Within the records below, how many lines hold the word "subcontext"? Only the number should be returned.

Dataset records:
|---|

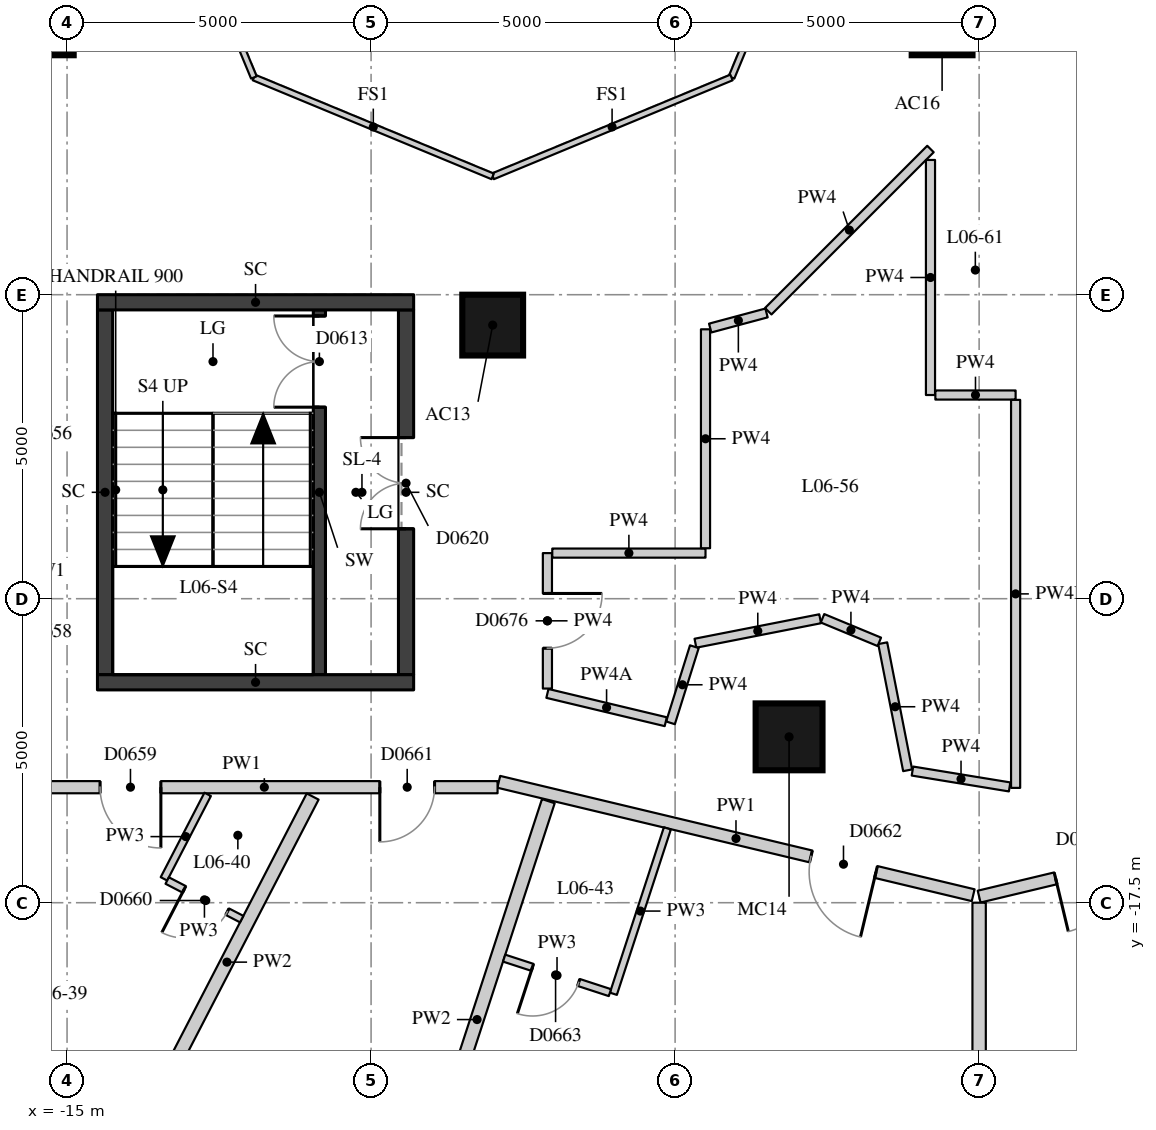
"""IFC4 building model, lengths in metres.
Left out: names, types, materials, properties, quantities, classifications, styles, units other than length and angle.
Written with IfcOpenShell. Run it as: python <this file> out.ifc"""

import sys

from ifc_helpers import new_model, si_unit, direction, frame, frame_2d, origin, origin_2d, place, context, subcontext, project, spatial, rectangle, extrude, element, fill, save


model = new_model("IFC4")
c1 = context("Model", 3, precision=1e-05, world=origin(), true_north=direction((0.0, 1.0)))
c2 = subcontext(c1, "Body", "Model", "MODEL_VIEW")
j1 = project(units=[si_unit("LENGTHUNIT", "METRE"), si_unit("PLANEANGLEUNIT", "RADIAN")], contexts=[c1])
p1 = place(None, origin())
s1 = spatial("IfcSite", under=j1, at=p1, CompositionType="ELEMENT")
p2 = place(p1, origin())
s2 = spatial("IfcBuilding", under=s1, at=p2, CompositionType="ELEMENT")
p3 = place(p2, frame((0.0, 0.0, 28.3)))
s3 = spatial("IfcBuildingStorey", under=s2, at=p3, CompositionType="ELEMENT", Elevation=28.3)
for number, where, z_axis, x_axis in (
    (1, (-15.391, -3.062, 0.0), (0.0, 0.0, 1.0), (1.0, 0.0, 0.0)),
    (2, (-8.0, -8.0, 0.0), (0.0, 0.0, 1.0), (1.0, 0.0, 0.0)),
    (3, (-0.609, -3.062, 0.0), (0.0, 0.0, 1.0), (1.0, 0.0, 0.0)),
):
    element("IfcColumn", number, at=place(p3, frame(where, z_axis=z_axis, x_axis=x_axis)), inside=s3, PredefinedType="COLUMN", context=c2, shape_type="SweptSolid", body=[
        extrude(rectangle(XDim=1.0, YDim=1.0, at=origin_2d()), origin(), (0.0, 0.0, 1.0), 3.3),
    ])
p4 = place(p3, frame((-3.126, -14.772, 0.0), z_axis=(0.0, 0.0, 1.0), x_axis=(1.0, 0.0, 0.0)))
e4 = element("IfcColumn", 4, at=p4, inside=s3, PredefinedType="COLUMN", context=c2, shape_type="SweptSolid", body=[
    extrude(rectangle(XDim=1.1, YDim=1.1, at=origin_2d()), origin(), (0.0, 0.0, 1.0), 3.3),
])
p5 = place(p3, frame((-18.023, -20.044, 0.0), z_axis=(0.0, 0.0, 1.0), x_axis=(0.847635480093, -0.530579016629, 0.0)))
e5 = element("IfcWall", 5, at=p5, inside=s3, PredefinedType="SOLIDWALL", context=c2, shape_type="SweptSolid", body=[
    extrude(rectangle(XDim=3.782, YDim=0.45, at=frame_2d((1.891, 0.0))), origin(), (0.0, 0.0, 1.0), 3.02),
])
p6 = place(p5, frame((0.791, 0.0, 0.4)))
e6 = element("IfcOpeningElement", 6, at=p6, cuts=e5, PredefinedType="OPENING", context=c2, shape_type="SweptSolid", body=[
    extrude(rectangle(XDim=2.2, YDim=1.75, at=frame_2d((1.1, 0.875))), frame((0.0, 0.235, 0.0), z_axis=(0.0, -1.0, 0.0), x_axis=(1.0, 0.0, 0.0)), (0.0, 0.0, 1.0), 0.47),
])
p7 = place(p3, frame((-10.85, -13.75, 0.0), z_axis=(0.0, 0.0, 1.0), x_axis=(0.0, 1.0, 0.0)))
e7 = element("IfcWall", 7, at=p7, inside=s3, PredefinedType="SHEAR", context=c2, shape_type="SweptSolid", body=[
    extrude(rectangle(XDim=6.0, YDim=0.2, at=frame_2d((3.0, 0.0))), origin(), (0.0, 0.0, 1.0), 3.02),
])
p8 = place(p7, frame((4.4, 0.0, 0.0)))
e8 = element("IfcOpeningElement", 8, at=p8, cuts=e7, PredefinedType="OPENING", context=c2, shape_type="SweptSolid", body=[
    extrude(rectangle(XDim=1.5, YDim=2.1, at=frame_2d((0.75, 1.05))), frame((0.0, 0.11, 0.0), z_axis=(0.0, -1.0, 0.0), x_axis=(1.0, 0.0, 0.0)), (0.0, 0.0, 1.0), 0.22),
])
p9 = place(p3, frame((-14.375, -13.75, -0.28), z_axis=(0.0, 0.0, 1.0), x_axis=(0.0, 1.0, 0.0)))
e9 = element("IfcWall", 9, at=p9, inside=s3, PredefinedType="SHEAR", context=c2, shape_type="SweptSolid", body=[
    extrude(rectangle(XDim=6.0, YDim=0.25, at=frame_2d((3.0, 0.0))), origin(), (0.0, 0.0, 1.0), 3.3),
])
p10 = place(p3, frame((-9.425, -13.75, -0.28), z_axis=(0.0, 0.0, 1.0), x_axis=(0.0, 1.0, 0.0)))
e10 = element("IfcWall", 10, at=p10, inside=s3, PredefinedType="SHEAR", context=c2, shape_type="SweptSolid", body=[
    extrude(rectangle(XDim=6.0, YDim=0.25, at=frame_2d((3.0, 0.0))), origin(), (0.0, 0.0, 1.0), 3.3),
])
p11 = place(p10, frame((2.4, 0.0, 0.28)))
e11 = element("IfcOpeningElement", 11, at=p11, cuts=e10, PredefinedType="OPENING", context=c2, shape_type="SweptSolid", body=[
    extrude(rectangle(XDim=1.5, YDim=2.1, at=frame_2d((0.75, 1.05))), frame((0.0, 0.135, 0.0), z_axis=(0.0, -1.0, 0.0), x_axis=(1.0, 0.0, 0.0)), (0.0, 0.0, 1.0), 0.27),
])
for number, where, z_axis, x_axis in (
    (12, (-14.5, -7.625, -0.28), (0.0, 0.0, 1.0), (1.0, 0.0, 0.0)),
    (13, (-14.5, -13.875, -0.28), (0.0, 0.0, 1.0), (1.0, 0.0, 0.0)),
):
    element("IfcWall", number, at=place(p3, frame(where, z_axis=z_axis, x_axis=x_axis)), inside=s3, PredefinedType="SHEAR", context=c2, shape_type="SweptSolid", body=[
        extrude(rectangle(XDim=5.2, YDim=0.25, at=frame_2d((2.6, 0.0))), origin(), (0.0, 0.0, 1.0), 3.3),
    ])
p12 = place(p3, frame((10.488, -14.893, 0.0), z_axis=(0.0, 0.0, 1.0), x_axis=(-0.972603489924, -0.23247032367, 0.0)))
e14 = element("IfcWall", 14, at=p12, inside=s3, PredefinedType="PARTITIONING", context=c2, shape_type="SweptSolid", body=[
    extrude(rectangle(XDim=10.783, YDim=0.2, at=frame_2d((5.392, 0.0))), origin(), (0.0, 0.0, 1.0), 3.02),
])
p13 = place(p12, frame((8.59, 0.0, 0.0)))
e15 = element("IfcOpeningElement", 15, at=p13, cuts=e14, PredefinedType="OPENING", context=c2, shape_type="SweptSolid", body=[
    extrude(rectangle(XDim=0.9, YDim=2.1, at=frame_2d((0.45, 1.05))), frame((0.0, 0.11, 0.0), z_axis=(0.0, -1.0, 0.0), x_axis=(1.0, 0.0, 0.0)), (0.0, 0.0, 1.0), 0.22),
])
p14 = place(p12, frame((5.462, 0.0, 0.0)))
e16 = element("IfcOpeningElement", 16, at=p14, cuts=e14, PredefinedType="OPENING", context=c2, shape_type="SweptSolid", body=[
    extrude(rectangle(XDim=1.0, YDim=2.1, at=frame_2d((0.5, 1.05))), frame((0.0, 0.11, 0.0), z_axis=(0.0, -1.0, 0.0), x_axis=(1.0, 0.0, 0.0)), (0.0, 0.0, 1.0), 0.22),
])
p15 = place(p3, frame((-0.098, -17.377, 0.0), z_axis=(0.0, 0.0, 1.0), x_axis=(-0.97260043732, 0.232483094708, 0.0)))
e17 = element("IfcWall", 17, at=p15, inside=s3, PredefinedType="PARTITIONING", context=c2, shape_type="SweptSolid", body=[
    extrude(rectangle(XDim=8.022, YDim=0.2, at=frame_2d((4.011, 0.0))), origin(), (0.0, 0.0, 1.0), 3.02),
])
p16 = place(p15, frame((1.643, 0.0, 0.0)))
e18 = element("IfcOpeningElement", 18, at=p16, cuts=e17, PredefinedType="OPENING", context=c2, shape_type="SweptSolid", body=[
    extrude(rectangle(XDim=1.1, YDim=2.1, at=frame_2d((0.55, 1.05))), frame((0.0, 0.11, 0.0), z_axis=(0.0, -1.0, 0.0), x_axis=(1.0, 0.0, 0.0)), (0.0, 0.0, 1.0), 0.22),
])
p17 = place(p3, frame((-7.92, -15.6, 0.0), z_axis=(0.0, 0.0, 1.0), x_axis=(-1.0, 0.0, 0.0)))
e19 = element("IfcWall", 19, at=p17, inside=s3, PredefinedType="PARTITIONING", context=c2, shape_type="SweptSolid", body=[
    extrude(rectangle(XDim=7.672, YDim=0.2, at=frame_2d((3.836, 0.0))), origin(), (0.0, 0.0, 1.0), 3.02),
])
p18 = place(p17, frame((5.537, 0.0, 0.0)))
e20 = element("IfcOpeningElement", 20, at=p18, cuts=e19, PredefinedType="OPENING", context=c2, shape_type="SweptSolid", body=[
    extrude(rectangle(XDim=1.0, YDim=2.1, at=frame_2d((0.5, 1.05))), frame((0.0, 0.11, 0.0), z_axis=(0.0, -1.0, 0.0), x_axis=(1.0, 0.0, 0.0)), (0.0, 0.0, 1.0), 0.22),
])
p19 = place(p17, frame((1.036, 0.0, 0.0)))
e21 = element("IfcOpeningElement", 21, at=p19, cuts=e19, PredefinedType="OPENING", context=c2, shape_type="SweptSolid", body=[
    extrude(rectangle(XDim=0.9, YDim=2.1, at=frame_2d((0.45, 1.05))), frame((0.0, 0.11, 0.0), z_axis=(0.0, -1.0, 0.0), x_axis=(1.0, 0.0, 0.0)), (0.0, 0.0, 1.0), 0.22),
])
p20 = place(p3, frame((-1.176, -15.322, 0.0), z_axis=(0.0, 0.0, 1.0), x_axis=(-0.192477233237, 0.981301439256, 0.0)))
e22 = element("IfcWall", 22, at=p20, inside=s3, PredefinedType="PARTITIONING", context=c2, shape_type="SweptSolid", body=[
    extrude(rectangle(XDim=2.13, YDim=0.15, at=frame_2d((1.065, 0.0))), origin(), (0.0, 0.0, 1.0), 3.02),
])
p21 = place(p3, frame((-1.641, -13.209, 0.0), z_axis=(0.0, 0.0, 1.0), x_axis=(-0.923725449546, 0.383055209937, 0.0)))
e23 = element("IfcWall", 23, at=p21, inside=s3, PredefinedType="PARTITIONING", context=c2, shape_type="SweptSolid", body=[
    extrude(rectangle(XDim=1.011, YDim=0.15, at=frame_2d((0.506, 0.0))), origin(), (0.0, 0.0, 1.0), 3.02),
])
p22 = place(p3, frame((-2.615, -12.83, 0.0), z_axis=(0.0, 0.0, 1.0), x_axis=(-0.981297312652, -0.192498270593, 0.0)))
e24 = element("IfcWall", 24, at=p22, inside=s3, PredefinedType="PARTITIONING", context=c2, shape_type="SweptSolid", body=[
    extrude(rectangle(XDim=2.09, YDim=0.15, at=frame_2d((1.045, 0.0))), origin(), (0.0, 0.0, 1.0), 3.02),
])
p23 = place(p3, frame((-4.683, -13.289, 0.0), z_axis=(0.0, 0.0, 1.0), x_axis=(-0.298931613931, -0.954274536071, 0.0)))
e25 = element("IfcWall", 25, at=p23, inside=s3, PredefinedType="PARTITIONING", context=c2, shape_type="SweptSolid", body=[
    extrude(rectangle(XDim=1.312, YDim=0.15, at=frame_2d((0.656, 0.0))), origin(), (0.0, 0.0, 1.0), 3.02),
])
p24 = place(p3, frame((-5.154, -14.523, 0.0), z_axis=(0.0, 0.0, 1.0), x_axis=(-0.97258848944, 0.232533073366, 0.0)))
e26 = element("IfcWall", 26, at=p24, inside=s3, PredefinedType="PARTITIONING", context=c2, shape_type="SweptSolid", body=[
    extrude(rectangle(XDim=2.001, YDim=0.15, at=frame_2d((1.0, 0.0))), origin(), (0.0, 0.0, 1.0), 2.57),
])
p25 = place(p3, frame((-7.1, -13.978, 0.0), z_axis=(0.0, 0.0, 1.0), x_axis=(0.0, 1.0, 0.0)))
e27 = element("IfcWall", 27, at=p25, inside=s3, PredefinedType="PARTITIONING", context=c2, shape_type="SweptSolid", body=[
    extrude(rectangle(XDim=2.228, YDim=0.15, at=frame_2d((1.114, 0.0))), origin(), (0.0, 0.0, 1.0), 3.02),
])
p26 = place(p25, frame((0.664, 0.0, 0.0)))
e28 = element("IfcOpeningElement", 28, at=p26, cuts=e27, PredefinedType="OPENING", context=c2, shape_type="SweptSolid", body=[
    extrude(rectangle(XDim=0.9, YDim=2.1, at=frame_2d((0.45, 1.05))), frame((0.0, 0.085, 0.0), z_axis=(0.0, -1.0, 0.0), x_axis=(1.0, 0.0, 0.0)), (0.0, 0.0, 1.0), 0.17),
])
p27 = place(p3, frame((-7.02, -11.75, 0.0), z_axis=(0.0, 0.0, 1.0), x_axis=(1.0, 0.0, 0.0)))
e29 = element("IfcWall", 29, at=p27, inside=s3, PredefinedType="PARTITIONING", context=c2, shape_type="SweptSolid", body=[
    extrude(rectangle(XDim=2.52, YDim=0.15, at=frame_2d((1.26, 0.0))), origin(), (0.0, 0.0, 1.0), 3.02),
])
p28 = place(p3, frame((-4.5, -11.67, 0.0), z_axis=(0.0, 0.0, 1.0), x_axis=(0.0, 1.0, 0.0)))
e30 = element("IfcWall", 30, at=p28, inside=s3, PredefinedType="PARTITIONING", context=c2, shape_type="SweptSolid", body=[
    extrude(rectangle(XDim=3.601, YDim=0.15, at=frame_2d((1.8, 0.0))), origin(), (0.0, 0.0, 1.0), 3.02),
])
p29 = place(p3, frame((-4.423, -8.049, 0.0), z_axis=(0.0, 0.0, 1.0), x_axis=(0.96590031435, 0.25891423819, 0.0)))
e31 = element("IfcWall", 31, at=p29, inside=s3, PredefinedType="PARTITIONING", context=c2, shape_type="SweptSolid", body=[
    extrude(rectangle(XDim=0.959, YDim=0.15, at=frame_2d((0.479, 0.0))), origin(), (0.0, 0.0, 1.0), 3.02),
])
p30 = place(p3, frame((-3.468, -7.772, 0.0), z_axis=(0.0, 0.0, 1.0), x_axis=(0.707106781187, 0.707106781187, 0.0)))
e32 = element("IfcWall", 32, at=p30, inside=s3, PredefinedType="PARTITIONING", context=c2, shape_type="SweptSolid", body=[
    extrude(rectangle(XDim=3.773, YDim=0.15, at=frame_2d((1.887, 0.0))), origin(), (0.0, 0.0, 1.0), 3.02),
])
p31 = place(p3, frame((-0.8, -5.284, 0.0), z_axis=(0.0, 0.0, 1.0), x_axis=(0.0, -1.0, 0.0)))
e33 = element("IfcWall", 33, at=p31, inside=s3, PredefinedType="PARTITIONING", context=c2, shape_type="SweptSolid", body=[
    extrude(rectangle(XDim=3.866, YDim=0.15, at=frame_2d((1.933, 0.0))), origin(), (0.0, 0.0, 1.0), 3.02),
])
p32 = place(p3, frame((-0.72, -9.15, 0.0), z_axis=(0.0, 0.0, 1.0), x_axis=(1.0, 0.0, 0.0)))
e34 = element("IfcWall", 34, at=p32, inside=s3, PredefinedType="PARTITIONING", context=c2, shape_type="SweptSolid", body=[
    extrude(rectangle(XDim=1.32, YDim=0.15, at=frame_2d((0.66, 0.0))), origin(), (0.0, 0.0, 1.0), 3.02),
])
p33 = place(p3, frame((0.6, -9.23, 0.0), z_axis=(0.0, 0.0, 1.0), x_axis=(0.0, -1.0, 0.0)))
e35 = element("IfcWall", 35, at=p33, inside=s3, PredefinedType="PARTITIONING", context=c2, shape_type="SweptSolid", body=[
    extrude(rectangle(XDim=6.382, YDim=0.15, at=frame_2d((3.191, 0.0))), origin(), (0.0, 0.0, 1.0), 2.47),
])
p34 = place(p3, frame((0.501, -15.596, 0.0), z_axis=(0.0, 0.0, 1.0), x_axis=(-0.986922601781, 0.161194845119, 0.0)))
e36 = element("IfcWall", 36, at=p34, inside=s3, PredefinedType="PARTITIONING", context=c2, shape_type="SweptSolid", body=[
    extrude(rectangle(XDim=1.619, YDim=0.15, at=frame_2d((0.81, 0.0))), origin(), (0.0, 0.0, 1.0), 3.02),
])
p35 = place(p3, frame((-13.78, -21.201, 0.0), z_axis=(0.0, 0.0, 1.0), x_axis=(0.459699000582, 0.888074787878, 0.0)))
e37 = element("IfcWall", 37, at=p35, inside=s3, PredefinedType="PARTITIONING", context=c2, shape_type="SweptSolid", body=[
    extrude(rectangle(XDim=6.134, YDim=0.22, at=frame_2d((3.067, 0.0))), origin(), (0.0, 0.0, 1.0), 3.02),
])
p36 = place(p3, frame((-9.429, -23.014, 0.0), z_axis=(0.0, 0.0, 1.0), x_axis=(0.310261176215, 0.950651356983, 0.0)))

|---|

TASK ANSWER:
2